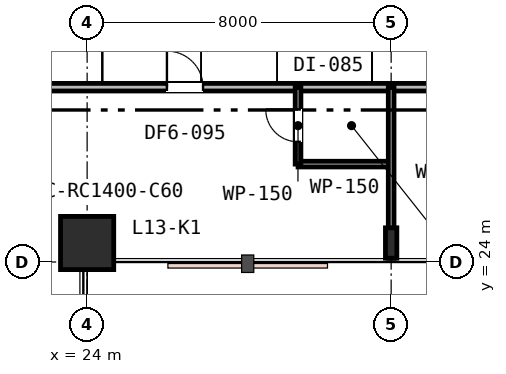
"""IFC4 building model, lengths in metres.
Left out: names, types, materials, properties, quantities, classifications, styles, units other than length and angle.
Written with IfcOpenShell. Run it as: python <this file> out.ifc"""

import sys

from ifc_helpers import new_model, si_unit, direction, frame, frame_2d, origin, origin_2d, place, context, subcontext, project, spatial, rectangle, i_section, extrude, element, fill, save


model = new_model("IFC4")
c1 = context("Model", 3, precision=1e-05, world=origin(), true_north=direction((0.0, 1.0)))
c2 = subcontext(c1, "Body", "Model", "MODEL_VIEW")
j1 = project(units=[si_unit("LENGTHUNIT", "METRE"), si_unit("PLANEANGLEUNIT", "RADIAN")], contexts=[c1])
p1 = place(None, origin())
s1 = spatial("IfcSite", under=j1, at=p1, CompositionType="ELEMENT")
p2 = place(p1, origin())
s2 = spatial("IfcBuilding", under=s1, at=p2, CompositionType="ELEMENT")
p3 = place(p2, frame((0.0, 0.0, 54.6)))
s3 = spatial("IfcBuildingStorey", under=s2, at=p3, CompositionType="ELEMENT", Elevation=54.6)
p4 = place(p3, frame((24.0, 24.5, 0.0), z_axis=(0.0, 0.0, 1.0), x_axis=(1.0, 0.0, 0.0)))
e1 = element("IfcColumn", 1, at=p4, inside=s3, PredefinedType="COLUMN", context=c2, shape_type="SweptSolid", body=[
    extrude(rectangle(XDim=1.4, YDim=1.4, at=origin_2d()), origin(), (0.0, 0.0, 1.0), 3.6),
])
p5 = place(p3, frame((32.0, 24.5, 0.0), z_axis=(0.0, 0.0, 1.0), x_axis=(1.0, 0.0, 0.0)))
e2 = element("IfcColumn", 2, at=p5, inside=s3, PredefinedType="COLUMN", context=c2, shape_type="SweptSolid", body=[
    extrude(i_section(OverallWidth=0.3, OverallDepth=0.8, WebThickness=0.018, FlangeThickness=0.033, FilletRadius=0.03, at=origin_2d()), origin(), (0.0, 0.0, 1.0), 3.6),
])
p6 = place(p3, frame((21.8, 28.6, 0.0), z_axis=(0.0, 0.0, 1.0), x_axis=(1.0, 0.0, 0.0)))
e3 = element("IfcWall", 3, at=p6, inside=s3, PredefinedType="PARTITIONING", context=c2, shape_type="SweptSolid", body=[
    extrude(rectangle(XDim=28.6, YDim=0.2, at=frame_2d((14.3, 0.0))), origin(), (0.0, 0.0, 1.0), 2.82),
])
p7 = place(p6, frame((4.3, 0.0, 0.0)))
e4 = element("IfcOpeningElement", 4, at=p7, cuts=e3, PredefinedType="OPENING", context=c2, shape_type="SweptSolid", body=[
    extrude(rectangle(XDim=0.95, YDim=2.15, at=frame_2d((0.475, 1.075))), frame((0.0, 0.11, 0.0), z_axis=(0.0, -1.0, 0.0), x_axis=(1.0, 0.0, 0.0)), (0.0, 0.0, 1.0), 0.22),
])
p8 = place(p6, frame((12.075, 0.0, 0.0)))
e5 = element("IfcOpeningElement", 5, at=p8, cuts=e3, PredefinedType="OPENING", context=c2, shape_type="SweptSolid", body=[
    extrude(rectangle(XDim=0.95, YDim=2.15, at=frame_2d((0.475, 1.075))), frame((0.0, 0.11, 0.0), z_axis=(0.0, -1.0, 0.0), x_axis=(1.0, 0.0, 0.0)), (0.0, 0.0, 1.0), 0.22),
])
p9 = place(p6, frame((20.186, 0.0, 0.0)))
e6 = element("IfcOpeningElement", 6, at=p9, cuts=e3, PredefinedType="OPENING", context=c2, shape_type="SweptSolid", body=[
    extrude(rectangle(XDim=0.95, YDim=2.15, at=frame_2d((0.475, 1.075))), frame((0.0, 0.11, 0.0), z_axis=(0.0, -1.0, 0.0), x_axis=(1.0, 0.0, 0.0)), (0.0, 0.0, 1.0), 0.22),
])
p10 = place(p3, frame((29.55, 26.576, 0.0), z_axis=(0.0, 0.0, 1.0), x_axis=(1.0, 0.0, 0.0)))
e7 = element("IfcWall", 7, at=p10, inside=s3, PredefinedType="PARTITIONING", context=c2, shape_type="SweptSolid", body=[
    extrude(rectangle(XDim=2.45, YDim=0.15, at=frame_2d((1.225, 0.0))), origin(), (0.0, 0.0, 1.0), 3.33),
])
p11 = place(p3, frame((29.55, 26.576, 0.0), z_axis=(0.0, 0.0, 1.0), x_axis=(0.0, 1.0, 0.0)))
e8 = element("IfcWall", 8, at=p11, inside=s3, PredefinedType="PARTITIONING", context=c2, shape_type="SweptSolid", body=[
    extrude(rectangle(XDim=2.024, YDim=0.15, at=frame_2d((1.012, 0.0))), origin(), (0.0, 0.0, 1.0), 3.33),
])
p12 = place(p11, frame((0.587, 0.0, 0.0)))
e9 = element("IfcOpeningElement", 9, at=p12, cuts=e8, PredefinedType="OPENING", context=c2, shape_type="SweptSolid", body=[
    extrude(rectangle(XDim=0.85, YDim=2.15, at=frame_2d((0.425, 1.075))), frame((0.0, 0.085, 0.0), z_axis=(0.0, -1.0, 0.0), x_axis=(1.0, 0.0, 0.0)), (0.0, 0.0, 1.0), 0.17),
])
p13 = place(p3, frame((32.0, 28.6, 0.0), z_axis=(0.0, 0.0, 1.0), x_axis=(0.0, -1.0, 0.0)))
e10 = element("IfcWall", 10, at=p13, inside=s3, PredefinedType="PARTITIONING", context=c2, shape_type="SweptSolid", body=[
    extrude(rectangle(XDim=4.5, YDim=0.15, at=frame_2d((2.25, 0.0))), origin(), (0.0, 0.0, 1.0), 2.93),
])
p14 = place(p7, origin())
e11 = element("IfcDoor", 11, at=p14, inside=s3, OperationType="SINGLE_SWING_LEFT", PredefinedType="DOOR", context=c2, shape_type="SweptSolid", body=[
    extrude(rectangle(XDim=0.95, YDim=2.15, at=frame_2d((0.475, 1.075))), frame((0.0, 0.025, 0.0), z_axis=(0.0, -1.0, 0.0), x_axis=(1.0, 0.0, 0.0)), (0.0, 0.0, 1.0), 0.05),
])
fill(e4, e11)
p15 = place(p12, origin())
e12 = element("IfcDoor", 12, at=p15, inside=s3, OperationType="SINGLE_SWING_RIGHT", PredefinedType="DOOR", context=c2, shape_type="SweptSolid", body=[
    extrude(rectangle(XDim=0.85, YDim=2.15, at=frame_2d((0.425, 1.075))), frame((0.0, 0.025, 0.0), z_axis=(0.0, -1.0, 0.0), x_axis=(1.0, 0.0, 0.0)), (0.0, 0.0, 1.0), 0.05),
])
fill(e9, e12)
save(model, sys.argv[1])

■ ■ ■ ■ ■ ■ ■

- [Exercise directions]: What is needed is a verbatim copy of every entry, with the pictures omitted.

- [Your response]:
"""IFC4 building model, lengths in metres.
Left out: names, types, materials, properties, quantities, classifications, styles, units other than length and angle.
Written with IfcOpenShell. Run it as: python <this file> out.ifc"""

import sys

from ifc_helpers import new_model, si_unit, direction, frame, frame_2d, origin, origin_2d, place, context, subcontext, project, spatial, rectangle, i_section, extrude, element, fill, save


model = new_model("IFC4")
c1 = context("Model", 3, precision=1e-05, world=origin(), true_north=direction((0.0, 1.0)))
c2 = subcontext(c1, "Body", "Model", "MODEL_VIEW")
j1 = project(units=[si_unit("LENGTHUNIT", "METRE"), si_unit("PLANEANGLEUNIT", "RADIAN")], contexts=[c1])
p1 = place(None, origin())
s1 = spatial("IfcSite", under=j1, at=p1, CompositionType="ELEMENT")
p2 = place(p1, origin())
s2 = spatial("IfcBuilding", under=s1, at=p2, CompositionType="ELEMENT")
p3 = place(p2, frame((0.0, 0.0, 54.6)))
s3 = spatial("IfcBuildingStorey", under=s2, at=p3, CompositionType="ELEMENT", Elevation=54.6)
p4 = place(p3, frame((24.0, 24.5, 0.0), z_axis=(0.0, 0.0, 1.0), x_axis=(1.0, 0.0, 0.0)))
e1 = element("IfcColumn", 1, at=p4, inside=s3, PredefinedType="COLUMN", context=c2, shape_type="SweptSolid", body=[
    extrude(rectangle(XDim=1.4, YDim=1.4, at=origin_2d()), origin(), (0.0, 0.0, 1.0), 3.6),
])
p5 = place(p3, frame((32.0, 24.5, 0.0), z_axis=(0.0, 0.0, 1.0), x_axis=(1.0, 0.0, 0.0)))
e2 = element("IfcColumn", 2, at=p5, inside=s3, PredefinedType="COLUMN", context=c2, shape_type="SweptSolid", body=[
    extrude(i_section(OverallWidth=0.3, OverallDepth=0.8, WebThickness=0.018, FlangeThickness=0.033, FilletRadius=0.03, at=origin_2d()), origin(), (0.0, 0.0, 1.0), 3.6),
])
p6 = place(p3, frame((21.8, 28.6, 0.0), z_axis=(0.0, 0.0, 1.0), x_axis=(1.0, 0.0, 0.0)))
e3 = element("IfcWall", 3, at=p6, inside=s3, PredefinedType="PARTITIONING", context=c2, shape_type="SweptSolid", body=[
    extrude(rectangle(XDim=28.6, YDim=0.2, at=frame_2d((14.3, 0.0))), origin(), (0.0, 0.0, 1.0), 2.82),
])
p7 = place(p6, frame((4.3, 0.0, 0.0)))
e4 = element("IfcOpeningElement", 4, at=p7, cuts=e3, PredefinedType="OPENING", context=c2, shape_type="SweptSolid", body=[
    extrude(rectangle(XDim=0.95, YDim=2.15, at=frame_2d((0.475, 1.075))), frame((0.0, 0.11, 0.0), z_axis=(0.0, -1.0, 0.0), x_axis=(1.0, 0.0, 0.0)), (0.0, 0.0, 1.0), 0.22),
])
p8 = place(p6, frame((12.075, 0.0, 0.0)))
e5 = element("IfcOpeningElement", 5, at=p8, cuts=e3, PredefinedType="OPENING", context=c2, shape_type="SweptSolid", body=[
    extrude(rectangle(XDim=0.95, YDim=2.15, at=frame_2d((0.475, 1.075))), frame((0.0, 0.11, 0.0), z_axis=(0.0, -1.0, 0.0), x_axis=(1.0, 0.0, 0.0)), (0.0, 0.0, 1.0), 0.22),
])
p9 = place(p6, frame((20.186, 0.0, 0.0)))
e6 = element("IfcOpeningElement", 6, at=p9, cuts=e3, PredefinedType="OPENING", context=c2, shape_type="SweptSolid", body=[
    extrude(rectangle(XDim=0.95, YDim=2.15, at=frame_2d((0.475, 1.075))), frame((0.0, 0.11, 0.0), z_axis=(0.0, -1.0, 0.0), x_axis=(1.0, 0.0, 0.0)), (0.0, 0.0, 1.0), 0.22),
])
p10 = place(p3, frame((29.55, 26.576, 0.0), z_axis=(0.0, 0.0, 1.0), x_axis=(1.0, 0.0, 0.0)))
e7 = element("IfcWall", 7, at=p10, inside=s3, PredefinedType="PARTITIONING", context=c2, shape_type="SweptSolid", body=[
    extrude(rectangle(XDim=2.45, YDim=0.15, at=frame_2d((1.225, 0.0))), origin(), (0.0, 0.0, 1.0), 3.33),
])
p11 = place(p3, frame((29.55, 26.576, 0.0), z_axis=(0.0, 0.0, 1.0), x_axis=(0.0, 1.0, 0.0)))
e8 = element("IfcWall", 8, at=p11, inside=s3, PredefinedType="PARTITIONING", context=c2, shape_type="SweptSolid", body=[
    extrude(rectangle(XDim=2.024, YDim=0.15, at=frame_2d((1.012, 0.0))), origin(), (0.0, 0.0, 1.0), 3.33),
])
p12 = place(p11, frame((0.587, 0.0, 0.0)))
e9 = element("IfcOpeningElement", 9, at=p12, cuts=e8, PredefinedType="OPENING", context=c2, shape_type="SweptSolid", body=[
    extrude(rectangle(XDim=0.85, YDim=2.15, at=frame_2d((0.425, 1.075))), frame((0.0, 0.085, 0.0), z_axis=(0.0, -1.0, 0.0), x_axis=(1.0, 0.0, 0.0)), (0.0, 0.0, 1.0), 0.17),
])
p13 = place(p3, frame((32.0, 28.6, 0.0), z_axis=(0.0, 0.0, 1.0), x_axis=(0.0, -1.0, 0.0)))
e10 = element("IfcWall", 10, at=p13, inside=s3, PredefinedType="PARTITIONING", context=c2, shape_type="SweptSolid", body=[
    extrude(rectangle(XDim=4.5, YDim=0.15, at=frame_2d((2.25, 0.0))), origin(), (0.0, 0.0, 1.0), 2.93),
])
p14 = place(p7, origin())
e11 = element("IfcDoor", 11, at=p14, inside=s3, OperationType="SINGLE_SWING_LEFT", PredefinedType="DOOR", context=c2, shape_type="SweptSolid", body=[
    extrude(rectangle(XDim=0.95, YDim=2.15, at=frame_2d((0.475, 1.075))), frame((0.0, 0.025, 0.0), z_axis=(0.0, -1.0, 0.0), x_axis=(1.0, 0.0, 0.0)), (0.0, 0.0, 1.0), 0.05),
])
fill(e4, e11)
p15 = place(p12, origin())
e12 = element("IfcDoor", 12, at=p15, inside=s3, OperationType="SINGLE_SWING_RIGHT", PredefinedType="DOOR", context=c2, shape_type="SweptSolid", body=[
    extrude(rectangle(XDim=0.85, YDim=2.15, at=frame_2d((0.425, 1.075))), frame((0.0, 0.025, 0.0), z_axis=(0.0, -1.0, 0.0), x_axis=(1.0, 0.0, 0.0)), (0.0, 0.0, 1.0), 0.05),
])
fill(e9, e12)
save(model, sys.argv[1])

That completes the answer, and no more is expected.